**Task details**
The records below are to be transcribed exactly from their first line to the line that has "Circle(SKETCH_1_R)", inclusive, with every picture omitted.

Raw data Block Start

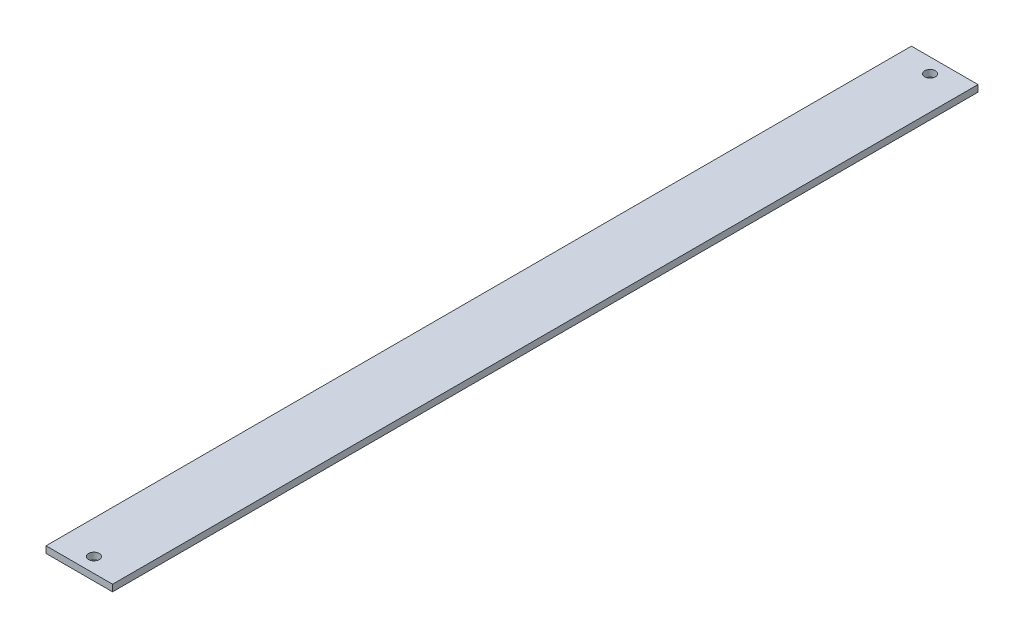
from build123d import *

# Parameters (mm, degrees)
SKETCH_1_W          = 50
SKETCH_1_H          = 650
EXTRUDE_1_DEPTH     = 5
SKETCH_2_R          = 4
CUT_EXTRUDE_1_DEPTH = 326.998466254


with BuildPart() as part:
    # 草图1 → 凸台-拉伸1 (new body)
    with BuildSketch(Plane(origin=(0, 0, 0), x_dir=(1, 0, 0), z_dir=(0, 1, 0))):
        Rectangle(SKETCH_1_W, SKETCH_1_H)
    extrude(amount=EXTRUDE_1_DEPTH)

    # 草图2 → 切除-拉伸1 (cut, through all)
    with BuildSketch(Plane(origin=(0, 5, 0), x_dir=(1, 0, 0), z_dir=(0, 1, 0))):
        with Locations(Location((0, 314, 0), (0, 0, 270))):
            Circle(SKETCH_2_R)
        with Locations(Location((0, -314, 0), (0, 0, 90))):
            Circle(SKETCH_2_R)
    extrude(amount=-CUT_EXTRUDE_1_DEPTH, mode=Mode.SUBTRACT)


solid = part.part
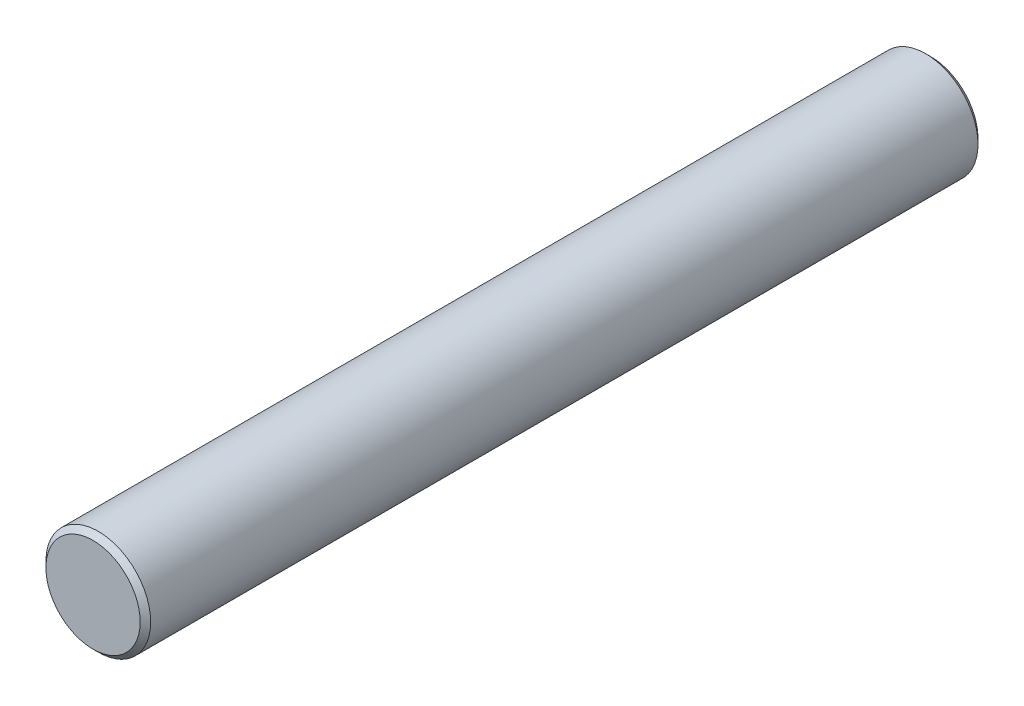
from build123d import *

# Parameters (mm, degrees)
SKETCH_1_R      = 5
EXTRUDE_1_DEPTH = 80
CHAMFER_1_SIZE  = 0.5


with BuildPart() as part:
    # 草图1 → 凸台-拉伸1 (new body)
    with BuildSketch(Plane.XY):
        Circle(SKETCH_1_R)
    extrude(amount=EXTRUDE_1_DEPTH)

    # 倒角1
    chamfer_1_edges = [part.edges().sort_by_distance(p)[0] for p in [
        (-5, 0, 0),
        (-5, 0, 80),
    ]]
    chamfer(chamfer_1_edges, length=CHAMFER_1_SIZE)


solid = part.part

Raw data Block End

**Task output**
from build123d import *

# Parameters (mm, degrees)
SKETCH_1_W          = 50
SKETCH_1_H          = 650
EXTRUDE_1_DEPTH     = 5
SKETCH_2_R          = 4
CUT_EXTRUDE_1_DEPTH = 326.998466254


with BuildPart() as part:
    # 草图1 → 凸台-拉伸1 (new body)
    with BuildSketch(Plane(origin=(0, 0, 0), x_dir=(1, 0, 0), z_dir=(0, 1, 0))):
        Rectangle(SKETCH_1_W, SKETCH_1_H)
    extrude(amount=EXTRUDE_1_DEPTH)

    # 草图2 → 切除-拉伸1 (cut, through all)
    with BuildSketch(Plane(origin=(0, 5, 0), x_dir=(1, 0, 0), z_dir=(0, 1, 0))):
        with Locations(Location((0, 314, 0), (0, 0, 270))):
            Circle(SKETCH_2_R)
        with Locations(Location((0, -314, 0), (0, 0, 90))):
            Circle(SKETCH_2_R)
    extrude(amount=-CUT_EXTRUDE_1_DEPTH, mode=Mode.SUBTRACT)


solid = part.part
from build123d import *

# Parameters (mm, degrees)
SKETCH_1_R      = 5
EXTRUDE_1_DEPTH = 80
CHAMFER_1_SIZE  = 0.5


with BuildPart() as part:
    # 草图1 → 凸台-拉伸1 (new body)
    with BuildSketch(Plane.XY):
        Circle(SKETCH_1_R)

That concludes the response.